[[ Provided records open ]]

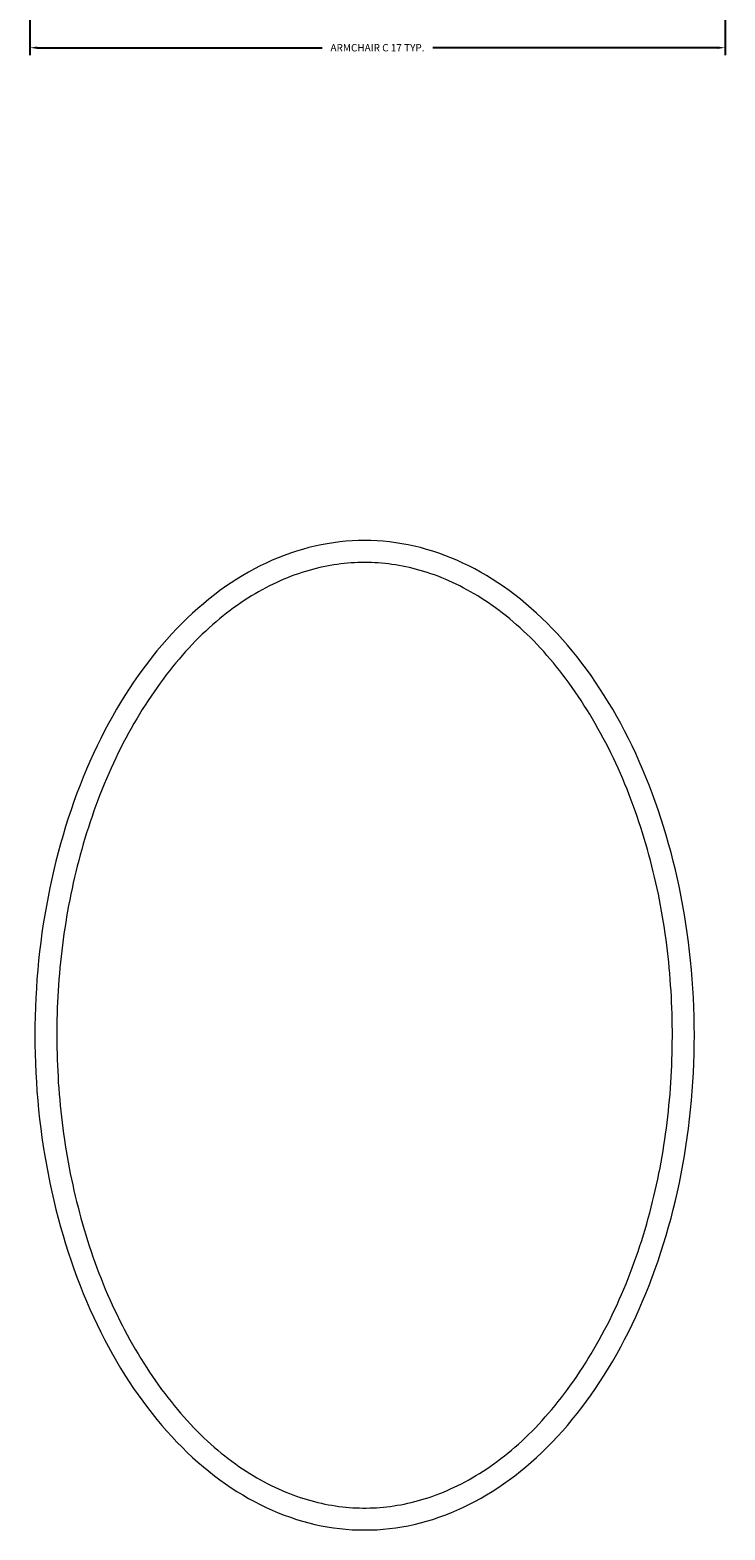
# Model space of a CAD drawing. Units: inches. Extents: x 963 to 2075, y 289 to 2657.
# Tile 22 of 98: x 1467 to 1484, y 1764 to 1800. Entities that reach past the tile are written whole.
import ezdxf

# ---------------------------------------------------------------- set-up
doc = ezdxf.new("R2010")
doc.units = ezdxf.units.IN
doc.layers.add('A-ANNO-DIMS', color=2, linetype='Continuous', lineweight=18)
doc.layers.add('A-FURN', color=8, linetype='Continuous', lineweight=18)
doc.styles.get("Standard").update_dxf_attribs({"font": 'arial.ttf'})
doc.dimstyles.get("Standard").update_dxf_attribs({"dimtxt": 0.18, "dimasz": 0.18, "dimexe": 0.18, "dimexo": 0.0625, "dimgap": 0.09, "dimtad": 0, "dimtih": 1, "dimtoh": 1, "dimdec": 4, "dimzin": 0, "dimdsep": 46, "dimtxsty": 'Standard', "dimcen": 0.09, "dimadec": 0, "dimazin": 0, "dimtfac": 1, "dimtdec": 4, "dimtofl": 0, "dimtmove": 0, "dimatfit": 3, "dimfxl": 1, "dimtolj": 1, "dimtzin": 0, "dimarcsym": 0})

# ---------------------------------------------------------------- blocks, each defined once
blk = doc.blocks.new('TABLE-OVAL')
at = {"ltscale": 0.03}
blk.add_polyline3d([(7.656, -0.197, 0), (7.809, -0.194, 0), (7.963, -0.188, 0), (8.116, -0.177, 0), (8.269, -0.162, 0), (8.422, -0.142, 0), (8.575, -0.118, 0), (8.727, -0.09, 0), (8.879, -0.057, 0), (9.031, -0.021, 0), (9.182, 0.021, 0), (9.332, 0.066, 0), (9.482, 0.116, 0), (9.632, 0.17, 0), (9.78, 0.228, 0), (9.928, 0.29, 0), (10.075, 0.357, 0), (10.221, 0.428, 0), (10.366, 0.503, 0), (10.51, 0.582, 0), (10.653, 0.665, 0), (10.796, 0.752, 0), (10.937, 0.843, 0), (11.076, 0.938, 0), (11.215, 1.037, 0), (11.352, 1.14, 0), (11.488, 1.247, 0), (11.623, 1.358, 0), (11.756, 1.472, 0), (11.888, 1.59, 0), (12.018, 1.712, 0), (12.147, 1.838, 0), (12.274, 1.967, 0), (12.399, 2.1, 0), (12.523, 2.237, 0), (12.645, 2.376, 0), (12.765, 2.52, 0), (12.883, 2.666, 0), (13, 2.817, 0), (13.114, 2.97, 0), (13.227, 3.126, 0), (13.337, 3.286, 0), (13.446, 3.449, 0), (13.552, 3.615, 0), (13.657, 3.784, 0), (13.759, 3.955, 0), (13.859, 4.13, 0), (13.957, 4.308, 0), (14.052, 4.488, 0), (14.145, 4.671, 0), (14.236, 4.856, 0), (14.325, 5.044, 0), (14.411, 5.235, 0), (14.495, 5.428, 0), (14.576, 5.623, 0), (14.655, 5.821, 0), (14.731, 6.021, 0), (14.805, 6.222, 0), (14.877, 6.426, 0), (14.945, 6.632, 0), (15.011, 6.84, 0), (15.075, 7.05, 0), (15.135, 7.261, 0), (15.193, 7.475, 0), (15.249, 7.689, 0), (15.301, 7.906, 0), (15.351, 8.123, 0), (15.399, 8.343, 0), (15.443, 8.563, 0), (15.485, 8.785, 0), (15.523, 9.007, 0), (15.559, 9.231, 0), (15.592, 9.456, 0), (15.623, 9.682, 0), (15.65, 9.908, 0), (15.675, 10.136, 0), (15.697, 10.364, 0), (15.715, 10.592, 0), (15.731, 10.821, 0), (15.744, 11.051, 0), (15.755, 11.28, 0), (15.762, 11.51, 0), (15.766, 11.741, 0), (15.768, 11.971, 0), (15.766, 12.201, 0), (15.762, 12.431, 0), (15.755, 12.661, 0), (15.744, 12.891, 0), (15.731, 13.12, 0), (15.715, 13.349, 0), (15.697, 13.578, 0), (15.675, 13.806, 0), (15.65, 14.033, 0), (15.623, 14.26, 0), (15.592, 14.486, 0), (15.559, 14.71, 0), (15.523, 14.934, 0), (15.485, 15.157, 0), (15.443, 15.379, 0), (15.399, 15.599, 0), (15.351, 15.818, 0), (15.301, 16.036, 0), (15.249, 16.252, 0), (15.193, 16.467, 0), (15.135, 16.68, 0), (15.075, 16.892, 0), (15.011, 17.101, 0), (14.945, 17.309, 0), (14.877, 17.515, 0), (14.805, 17.719, 0), (14.731, 17.921, 0), (14.655, 18.121, 0), (14.576, 18.318, 0), (14.495, 18.514, 0), (14.411, 18.707, 0), (14.325, 18.897, 0), (14.236, 19.085, 0), (14.145, 19.271, 0), (14.052, 19.454, 0), (13.957, 19.634, 0), (13.859, 19.811, 0), (13.759, 19.986, 0), (13.657, 20.158, 0), (13.552, 20.327, 0), (13.446, 20.493, 0), (13.337, 20.656, 0), (13.227, 20.815, 0), (13.114, 20.972, 0), (13, 21.125, 0), (12.883, 21.275, 0), (12.765, 21.422, 0), (12.645, 21.565, 0), (12.523, 21.705, 0), (12.399, 21.842, 0), (12.274, 21.974, 0), (12.147, 22.104, 0), (12.018, 22.229, 0), (11.888, 22.351, 0), (11.756, 22.47, 0), (11.623, 22.584, 0), (11.488, 22.695, 0), (11.352, 22.802, 0), (11.215, 22.905, 0), (11.076, 23.004, 0), (10.937, 23.099, 0), (10.796, 23.19, 0), (10.653, 23.277, 0), (10.51, 23.36, 0), (10.366, 23.439, 0), (10.221, 23.514, 0), (10.075, 23.585, 0), (9.928, 23.651, 0), (9.78, 23.714, 0), (9.632, 23.772, 0), (9.482, 23.826, 0), (9.332, 23.876, 0), (9.182, 23.921, 0), (9.031, 23.962, 0), (8.879, 23.999, 0), (8.727, 24.032, 0), (8.575, 24.06, 0), (8.422, 24.084, 0), (8.269, 24.103, 0), (8.116, 24.119, 0), (7.963, 24.13, 0), (7.809, 24.136, 0), (7.656, 24.138, 0), (7.502, 24.136, 0), (7.349, 24.13, 0), (7.196, 24.119, 0), (7.042, 24.103, 0), (6.89, 24.084, 0), (6.737, 24.06, 0), (6.585, 24.032, 0), (6.433, 23.999, 0), (6.281, 23.962, 0), (6.13, 23.921, 0), (5.979, 23.876, 0), (5.83, 23.826, 0), (5.68, 23.772, 0), (5.532, 23.714, 0), (5.384, 23.651, 0), (5.237, 23.585, 0), (5.091, 23.514, 0), (4.946, 23.439, 0), (4.802, 23.36, 0), (4.658, 23.277, 0), (4.516, 23.19, 0), (4.375, 23.099, 0), (4.236, 23.004, 0), (4.097, 22.905, 0), (3.96, 22.802, 0), (3.824, 22.695, 0), (3.689, 22.584, 0), (3.556, 22.47, 0), (3.424, 22.351, 0), (3.294, 22.229, 0), (3.165, 22.104, 0), (3.038, 21.974, 0), (2.913, 21.842, 0), (2.789, 21.705, 0), (2.667, 21.565, 0), (2.547, 21.422, 0), (2.429, 21.275, 0), (2.312, 21.125, 0), (2.198, 20.972, 0), (2.085, 20.815, 0), (1.975, 20.656, 0), (1.866, 20.493, 0), (1.76, 20.327, 0), (1.655, 20.158, 0), (1.553, 19.986, 0), (1.453, 19.811, 0), (1.355, 19.634, 0), (1.26, 19.454, 0), (1.166, 19.271, 0), (1.076, 19.085, 0), (0.987, 18.897, 0), (0.901, 18.707, 0), (0.817, 18.514, 0), (0.736, 18.318, 0), (0.657, 18.121, 0), (0.58, 17.921, 0), (0.507, 17.719, 0), (0.435, 17.515, 0), (0.367, 17.309, 0), (0.301, 17.101, 0), (0.237, 16.892, 0), (0.177, 16.68, 0), (0.118, 16.467, 0), (0.063, 16.252, 0), (0.01, 16.036, 0), (-0.039, 15.818, 0), (-0.087, 15.599, 0), (-0.131, 15.379, 0), (-0.173, 15.157, 0), (-0.211, 14.934, 0), (-0.247, 14.71, 0), (-0.281, 14.486, 0), (-0.311, 14.26, 0), (-0.338, 14.033, 0), (-0.363, 13.806, 0), (-0.385, 13.578, 0), (-0.403, 13.349, 0), (-0.419, 13.12, 0), (-0.432, 12.891, 0), (-0.443, 12.661, 0), (-0.45, 12.431, 0), (-0.454, 12.201, 0), (-0.456, 11.971, 0), (-0.454, 11.741, 0), (-0.45, 11.51, 0), (-0.443, 11.28, 0), (-0.432, 11.051, 0), (-0.419, 10.821, 0), (-0.403, 10.592, 0), (-0.385, 10.364, 0), (-0.363, 10.136, 0), (-0.338, 9.908, 0), (-0.311, 9.682, 0), (-0.281, 9.456, 0), (-0.247, 9.231, 0), (-0.211, 9.007, 0), (-0.173, 8.785, 0), (-0.131, 8.563, 0), (-0.087, 8.343, 0), (-0.039, 8.123, 0), (0.01, 7.906, 0), (0.063, 7.689, 0), (0.118, 7.475, 0), (0.177, 7.261, 0), (0.237, 7.05, 0), (0.301, 6.84, 0), (0.367, 6.632, 0), (0.435, 6.426, 0), (0.507, 6.222, 0), (0.58, 6.021, 0), (0.657, 5.821, 0), (0.736, 5.623, 0), (0.817, 5.428, 0), (0.901, 5.235, 0), (0.987, 5.044, 0), (1.076, 4.856, 0), (1.166, 4.671, 0), (1.26, 4.488, 0), (1.355, 4.308, 0), (1.453, 4.13, 0), (1.553, 3.955, 0), (1.655, 3.784, 0), (1.76, 3.615, 0), (1.866, 3.449, 0), (1.975, 3.286, 0), (2.085, 3.126, 0), (2.198, 2.97, 0), (2.312, 2.817, 0), (2.429, 2.666, 0), (2.547, 2.52, 0), (2.667, 2.376, 0), (2.789, 2.237, 0), (2.913, 2.1, 0), (3.038, 1.967, 0), (3.165, 1.838, 0), (3.294, 1.712, 0), (3.424, 1.59, 0), (3.556, 1.472, 0), (3.689, 1.358, 0), (3.824, 1.247, 0), (3.96, 1.14, 0), (4.097, 1.037, 0), (4.236, 0.938, 0), (4.375, 0.843, 0), (4.516, 0.752, 0), (4.658, 0.665, 0), (4.802, 0.582, 0), (4.946, 0.503, 0), (5.091, 0.428, 0), (5.237, 0.357, 0), (5.384, 0.29, 0), (5.532, 0.228, 0), (5.68, 0.17, 0), (5.83, 0.116, 0), (5.979, 0.066, 0), (6.13, 0.021, 0), (6.281, -0.021, 0), (6.433, -0.057, 0), (6.585, -0.09, 0), (6.737, -0.118, 0), (6.89, -0.142, 0), (7.042, -0.162, 0), (7.196, -0.177, 0), (7.349, -0.188, 0), (7.502, -0.194, 0), (7.656, -0.197, 0)], dxfattribs=at)
blk.add_polyline3d([(7.656, 0.344, 0), (7.739, 0.345, 0), (7.822, 0.347, 0), (7.906, 0.351, 0), (7.99, 0.356, 0), (8.074, 0.362, 0), (8.159, 0.37, 0), (8.244, 0.38, 0), (8.33, 0.391, 0), (8.415, 0.404, 0), (8.501, 0.418, 0), (8.588, 0.434, 0), (8.674, 0.451, 0), (8.761, 0.47, 0), (8.848, 0.491, 0), (8.935, 0.513, 0), (9.023, 0.538, 0), (9.11, 0.563, 0), (9.198, 0.591, 0), (9.286, 0.62, 0), (9.375, 0.651, 0), (9.463, 0.684, 0), (9.552, 0.719, 0), (9.64, 0.755, 0), (9.729, 0.794, 0), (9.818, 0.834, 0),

[[ Provided records closed ]]

What you will do —
Search the data for "layers". Copy each line that has it.

Answer to this exercise —
doc.layers.add('A-ANNO-DIMS', color=2, linetype='Continuous', lineweight=18)
doc.layers.add('A-FURN', color=8, linetype='Continuous', lineweight=18)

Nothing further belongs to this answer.